Exercise – Where a line of the data holds the word "spatial", copy that line.

---- Listed records

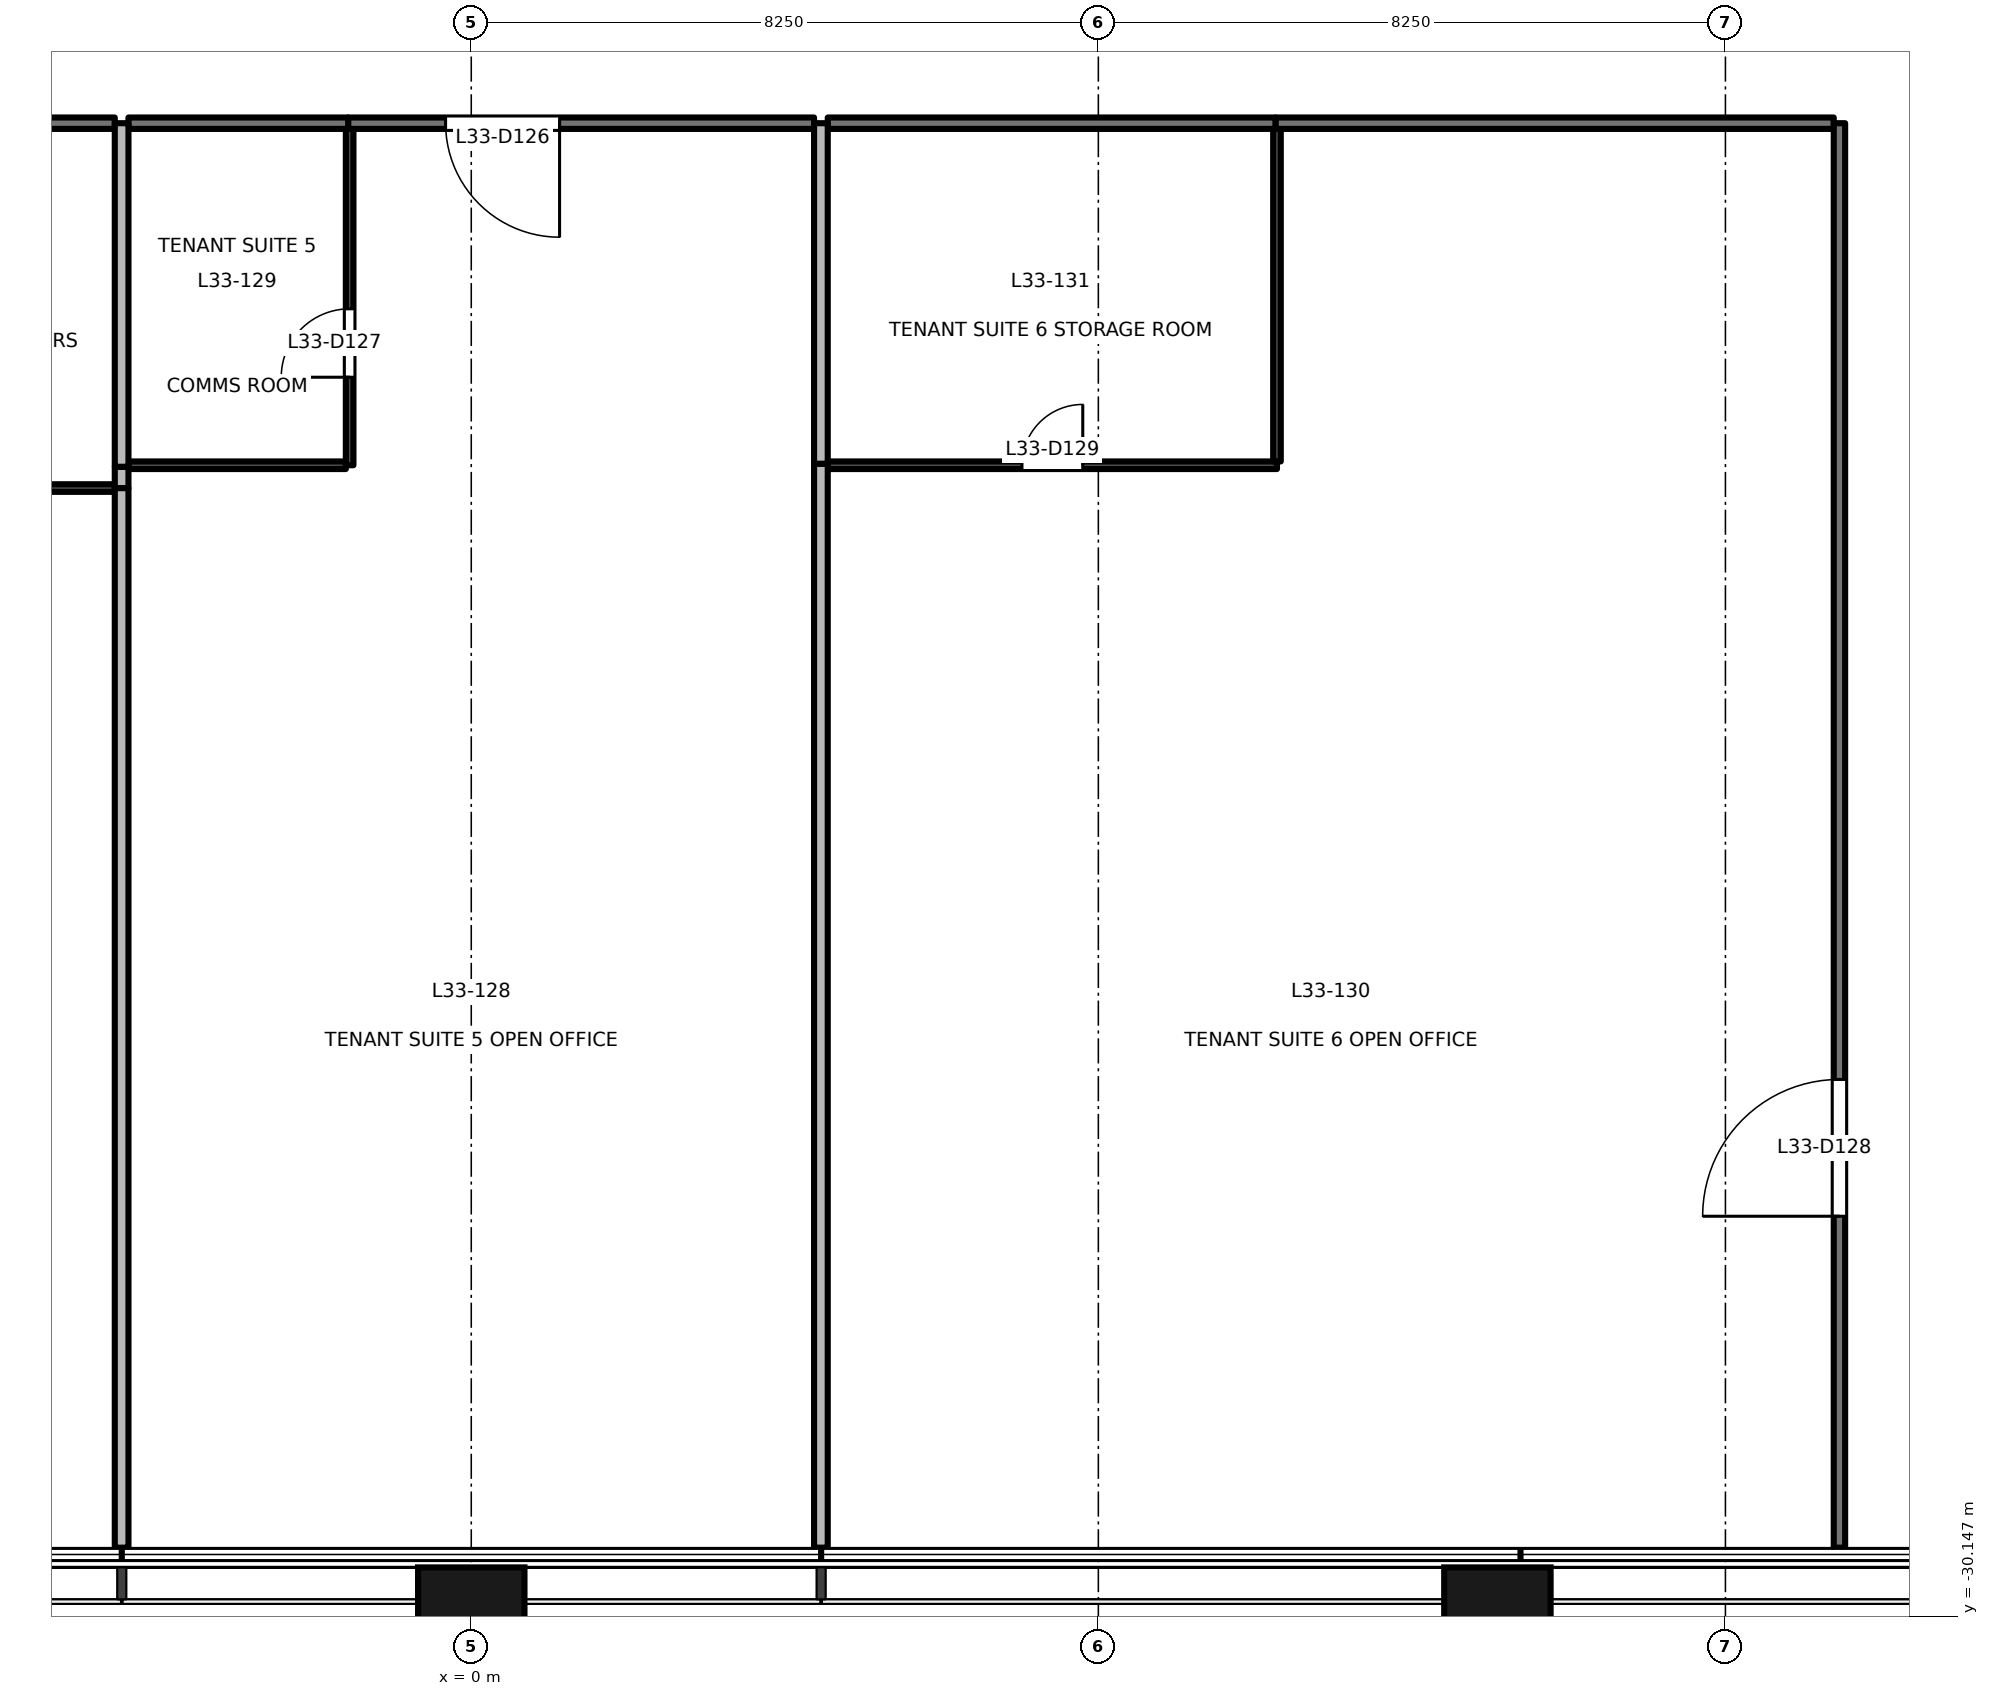
"""IFC4 building model, lengths in metres.
Left out: names, types, materials, properties, quantities, classifications, styles, units other than length and angle.
Written with IfcOpenShell. Run it as: python <this file> out.ifc"""

import sys

from ifc_helpers import new_model, si_unit, direction, frame, frame_2d, origin, origin_2d, place, context, subcontext, project, spatial, rectangle, extrude, element, fill, save


model = new_model("IFC4")
c1 = context("Model", 3, precision=1e-05, world=origin(), true_north=direction((0.0, 1.0)))
c2 = subcontext(c1, "Body", "Model", "MODEL_VIEW")
j1 = project(units=[si_unit("LENGTHUNIT", "METRE"), si_unit("PLANEANGLEUNIT", "RADIAN")], contexts=[c1])
p1 = place(None, origin())
s1 = spatial("IfcSite", under=j1, at=p1, CompositionType="ELEMENT")
p2 = place(p1, origin())
s2 = spatial("IfcBuilding", under=s1, at=p2, CompositionType="ELEMENT")
p3 = place(p2, frame((0.0, 0.0, 146.1)))
s3 = spatial("IfcBuildingStorey", under=s2, at=p3, CompositionType="ELEMENT", Elevation=146.1)
for number, where, z_axis, x_axis in (
    (1, (0.0, -30.4, -0.2), (0.0, 0.0, 1.0), (1.0, 0.0, 0.0)),
    (2, (13.5, -30.4, -0.2), (0.0, 0.0, 1.0), (1.0, 0.0, 0.0)),
):
    element("IfcColumn", number, at=place(p3, frame(where, z_axis=z_axis, x_axis=x_axis)), inside=s3, PredefinedType="COLUMN", context=c2, shape_type="SweptSolid", body=[
        extrude(rectangle(XDim=1.4, YDim=1.8, at=origin_2d()), origin(), (0.0, 0.0, 1.0), 4.0),
    ])
p4 = place(p3, frame((-4.69, -10.5, 0.0), z_axis=(0.0, 0.0, 1.0), x_axis=(-1.0, 0.0, 0.0)))
e3 = element("IfcWall", 3, at=p4, inside=s3, PredefinedType="PARTITIONING", context=c2, shape_type="SweptSolid", body=[
    extrude(rectangle(XDim=5.23, YDim=0.15, at=frame_2d((2.615, 0.0))), origin(), (0.0, 0.0, 1.0), 2.9),
])
p5 = place(p3, frame((4.51, -10.5, 0.0), z_axis=(0.0, 0.0, 1.0), x_axis=(-1.0, 0.0, 0.0)))
e4 = element("IfcWall", 4, at=p5, inside=s3, PredefinedType="PARTITIONING", context=c2, shape_type="SweptSolid", body=[
    extrude(rectangle(XDim=6.13, YDim=0.15, at=frame_2d((3.065, 0.0))), origin(), (0.0, 0.0, 1.0), 2.9),
])
p6 = place(p5, frame((3.348, 0.0, 0.0)))
e5 = element("IfcOpeningElement", 5, at=p6, cuts=e4, PredefinedType="OPENING", context=c2, shape_type="SweptSolid", body=[
    extrude(rectangle(XDim=1.5, YDim=2.1, at=frame_2d((0.75, 1.05))), frame((0.0, 0.085, 0.0), z_axis=(0.0, -1.0, 0.0), x_axis=(1.0, 0.0, 0.0)), (0.0, 0.0, 1.0), 0.171),
])
p7 = place(p3, frame((-1.62, -10.5, 0.0), z_axis=(0.0, 0.0, 1.0), x_axis=(-1.0, 0.0, 0.0)))
e6 = element("IfcWall", 6, at=p7, inside=s3, PredefinedType="PARTITIONING", context=c2, shape_type="SweptSolid", body=[
    extrude(rectangle(XDim=2.89, YDim=0.15, at=frame_2d((1.445, 0.0))), origin(), (0.0, 0.0, 1.0), 2.9),
])
p8 = place(p3, frame((17.925, -10.5, 0.0), z_axis=(0.0, 0.0, 1.0), x_axis=(-1.0, 0.0, 0.0)))
e7 = element("IfcWall", 7, at=p8, inside=s3, PredefinedType="PARTITIONING", context=c2, shape_type="SweptSolid", body=[
    extrude(rectangle(XDim=7.345, YDim=0.15, at=frame_2d((3.672, 0.0))), origin(), (0.0, 0.0, 1.0), 2.9),
])
p9 = place(p3, frame((18.0, -29.24, 0.0), z_axis=(0.0, 0.0, 1.0), x_axis=(0.0, 1.0, 0.0)))
e8 = element("IfcWall", 8, at=p9, inside=s3, PredefinedType="PARTITIONING", context=c2, shape_type="SweptSolid", body=[
    extrude(rectangle(XDim=18.74, YDim=0.15, at=frame_2d((9.37, 0.0))), origin(), (0.0, 0.0, 1.0), 3.8),
])
p10 = place(p9, frame((4.36, 0.0, 0.0)))
e9 = element("IfcOpeningElement", 9, at=p10, cuts=e8, PredefinedType="OPENING", context=c2, shape_type="SweptSolid", body=[
    extrude(rectangle(XDim=1.8, YDim=2.1, at=frame_2d((0.9, 1.05))), frame((0.0, 0.085, 0.0), z_axis=(0.0, -1.0, 0.0), x_axis=(1.0, 0.0, 0.0)), (0.0, 0.0, 1.0), 0.171),
])
p11 = place(p3, frame((10.58, -10.5, 0.0), z_axis=(0.0, 0.0, 1.0), x_axis=(-1.0, 0.0, 0.0)))
e10 = element("IfcWall", 10, at=p11, inside=s3, PredefinedType="PARTITIONING", context=c2, shape_type="SweptSolid", body=[
    extrude(rectangle(XDim=5.89, YDim=0.15, at=frame_2d((2.945, 0.0))), origin(), (0.0, 0.0, 1.0), 2.9),
])
p12 = place(p3, frame((-9.9, -15.3, 0.0), z_axis=(0.0, 0.0, 1.0), x_axis=(1.0, 0.0, 0.0)))
e11 = element("IfcWall", 11, at=p12, inside=s3, PredefinedType="PARTITIONING", context=c2, shape_type="SweptSolid", body=[
    extrude(rectangle(XDim=5.21, YDim=0.1, at=frame_2d((2.605, 0.0))), origin(), (0.0, 0.0, 1.0), 2.9),
])
p13 = place(p12, frame((2.205, 0.0, 0.0)))
e12 = element("IfcOpeningElement", 12, at=p13, cuts=e11, PredefinedType="OPENING", context=c2, shape_type="SweptSolid", body=[
    extrude(rectangle(XDim=0.8, YDim=2.1, at=frame_2d((0.4, 1.05))), frame((0.0, 0.061, 0.0), z_axis=(0.0, -1.0, 0.0), x_axis=(1.0, 0.0, 0.0)), (0.0, 0.0, 1.0), 0.121),
])
p14 = place(p3, frame((-4.6, -15.3, 0.0), z_axis=(0.0, 0.0, 1.0), x_axis=(0.0, -1.0, 0.0)))
e13 = element("IfcWall", 13, at=p14, inside=s3, PredefinedType="PARTITIONING", context=c2, shape_type="SweptSolid", body=[
    extrude(rectangle(XDim=13.94, YDim=0.18, at=frame_2d((6.97, 0.0))), origin(), (0.0, 0.0, 1.0), 2.9),
])
p15 = place(p3, frame((-4.6, -15.02, 0.0), z_axis=(0.0, 0.0, 1.0), x_axis=(0.0, -1.0, 0.0)))
e14 = element("IfcWall", 14, at=p15, inside=s3, PredefinedType="PARTITIONING", context=c2, shape_type="SweptSolid", body=[
    extrude(rectangle(XDim=0.28, YDim=0.18, at=frame_2d((0.14, 0.0))), origin(), (0.0, 0.0, 1.0), 2.9),
])
p16 = place(p3, frame((-4.6, -10.5, 0.0), z_axis=(0.0, 0.0, 1.0), x_axis=(0.0, -1.0, 0.0)))
e15 = element("IfcWall", 15, at=p16, inside=s3, PredefinedType="PARTITIONING", context=c2, shape_type="SweptSolid", body=[
    extrude(rectangle(XDim=4.52, YDim=0.18, at=frame_2d((2.26, 0.0))), origin(), (0.0, 0.0, 1.0), 2.9),
])
p17 = place(p3, frame((-4.51, -15.0, 0.0), z_axis=(0.0, 0.0, 1.0), x_axis=(1.0, 0.0, 0.0)))
e16 = element("IfcWall", 16, at=p17, inside=s3, PredefinedType="PARTITIONING", context=c2, shape_type="SweptSolid", body=[
    extrude(rectangle(XDim=2.86, YDim=0.1, at=frame_2d((1.43, 0.0))), origin(), (0.0, 0.0, 1.0), 2.9),
])
p18 = place(p3, frame((-1.6, -15.0, 0.0), z_axis=(0.0, 0.0, 1.0), x_axis=(0.0, 1.0, 0.0)))
e17 = element("IfcWall", 17, at=p18, inside=s3, PredefinedType="PARTITIONING", context=c2, shape_type="SweptSolid", body=[
    extrude(rectangle(XDim=4.425, YDim=0.1, at=frame_2d((2.212, 0.0))), origin(), (0.0, 0.0, 1.0), 3.8),
])
p19 = place(p18, frame((1.158, 0.0, 0.0)))
e18 = element("IfcOpeningElement", 18, at=p19, cuts=e17, PredefinedType="OPENING", context=c2, shape_type="SweptSolid", body=[
    extrude(rectangle(XDim=0.9, YDim=2.1, at=frame_2d((0.45, 1.05))), frame((0.0, 0.061, 0.0), z_axis=(0.0, -1.0, 0.0), x_axis=(1.0, 0.0, 0.0)), (0.0, 0.0, 1.0), 0.121),
])
p20 = place(p3, frame((4.6, -14.98, 0.0), z_axis=(0.0, 0.0, 1.0), x_axis=(0.0, -1.0, 0.0)))
e19 = element("IfcWall", 19, at=p20, inside=s3, PredefinedType="PARTITIONING", context=c2, shape_type="SweptSolid", body=[
    extrude(rectangle(XDim=14.26, YDim=0.18, at=frame_2d((7.13, 0.0))), origin(), (0.0, 0.0, 1.0), 2.9),
])
p21 = place(p3, frame((4.6, -10.5, 0.0), z_axis=(0.0, 0.0, 1.0), x_axis=(0.0, -1.0, 0.0)))
e20 = element("IfcWall", 20, at=p21, inside=s3, PredefinedType="PARTITIONING", context=c2, shape_type="SweptSolid", body=[
    extrude(rectangle(XDim=4.48, YDim=0.18, at=frame_2d((2.24, 0.0))), origin(), (0.0, 0.0, 1.0), 2.9),
])
p22 = place(p3, frame((4.69, -15.0, 0.0), z_axis=(0.0, 0.0, 1.0), x_axis=(1.0, 0.0, 0.0)))
e21 = element("IfcWall", 21, at=p22, inside=s3, PredefinedType="PARTITIONING", context=c2, shape_type="SweptSolid", body=[
    extrude(rectangle(XDim=5.91, YDim=0.1, at=frame_2d((2.955, 0.0))), origin(), (0.0, 0.0, 1.0), 2.9),
])
p23 = place(p22, frame((2.555, 0.0, 0.0)))
e22 = element("IfcOpeningElement", 22, at=p23, cuts=e21, PredefinedType="OPENING", context=c2, shape_type="SweptSolid", body=[
    extrude(rectangle(XDim=0.8, YDim=2.1, at=frame_2d((0.4, 1.05))), frame((0.0, 0.061, 0.0), z_axis=(0.0, -1.0, 0.0), x_axis=(1.0, 0.0, 0.0)), (0.0, 0.0, 1.0), 0.121),
])
p24 = place(p3, frame((10.6, -14.95, 0.0), z_axis=(0.0, 0.0, 1.0), x_axis=(0.0, 1.0, 0.0)))
e23 = element("IfcWall", 23, at=p24, inside=s3, PredefinedType="PARTITIONING", context=c2, shape_type="SweptSolid", body=[
    extrude(rectangle(XDim=4.375, YDim=0.1, at=frame_2d((2.188, 0.0))), origin(), (0.0, 0.0, 1.0), 3.8),
])
p25 = place(p6, origin())
e24 = element("IfcDoor", 24, at=p25, inside=s3, OperationType="DOUBLE_DOOR_SINGLE_SWING", PredefinedType="DOOR", context=c2, shape_type="SweptSolid", body=[
    extrude(rectangle(XDim=1.5, YDim=2.1, at=frame_2d((0.75, 1.05))), frame((0.0, 0.025, 0.0), z_axis=(0.0, -1.0, 0.0), x_axis=(1.0, 0.0, 0.0)), (0.0, 0.0, 1.0), 0.05),
])
fill(e5, e24)
p26 = place(p19, origin())
e25 = element("IfcDoor", 25, at=p26, inside=s3, OperationType="SINGLE_SWING_LEFT", PredefinedType="DOOR", context=c2, shape_type="SweptSolid", body=[
    extrude(rectangle(XDim=0.9, YDim=2.1, at=frame_2d((0.45, 1.05))), frame((0.0, 0.025, 0.0), z_axis=(0.0, -1.0, 0.0), x_axis=(1.0, 0.0, 0.0)), (0.0, 0.0, 1.0), 0.05),
])
fill(e18, e25)
p27 = place(p10, origin())
e26 = element("IfcDoor", 26, at=p27, inside=s3, OperationType="DOUBLE_DOOR_SINGLE_SWING", PredefinedType="DOOR", context=c2, shape_type="SweptSolid", body=[
    extrude(rectangle(XDim=1.8, YDim=2.1, at=frame_2d((0.9, 1.05))), frame((0.0, 0.025, 0.0), z_axis=(0.0, -1.0, 0.0), x_axis=(1.0, 0.0, 0.0)), (0.0, 0.0, 1.0), 0.05),
])
fill(e9, e26)
p28 = place(p23, origin())
e27 = element("IfcDoor", 27, at=p28, inside=s3, OperationType="SINGLE_SWING_RIGHT", PredefinedType="DOOR", context=c2, shape_type="SweptSolid", body=[
    extrude(rectangle(XDim=0.8, YDim=2.1, at=frame_2d((0.4, 1.05))), frame((0.0, 0.025, 0.0), z_axis=(0.0, -1.0, 0.0), x_axis=(1.0, 0.0, 0.0)), (0.0, 0.0, 1.0), 0.05),
])
fill(e22, e27)
save(model, sys.argv[1])

--------

Finished task –
from ifc_helpers import new_model, si_unit, direction, frame, frame_2d, origin, origin_2d, place, context, subcontext, project, spatial, rectangle, extrude, element, fill, save
s1 = spatial("IfcSite", under=j1, at=p1, CompositionType="ELEMENT")
s2 = spatial("IfcBuilding", under=s1, at=p2, CompositionType="ELEMENT")
s3 = spatial("IfcBuildingStorey", under=s2, at=p3, CompositionType="ELEMENT", Elevation=146.1)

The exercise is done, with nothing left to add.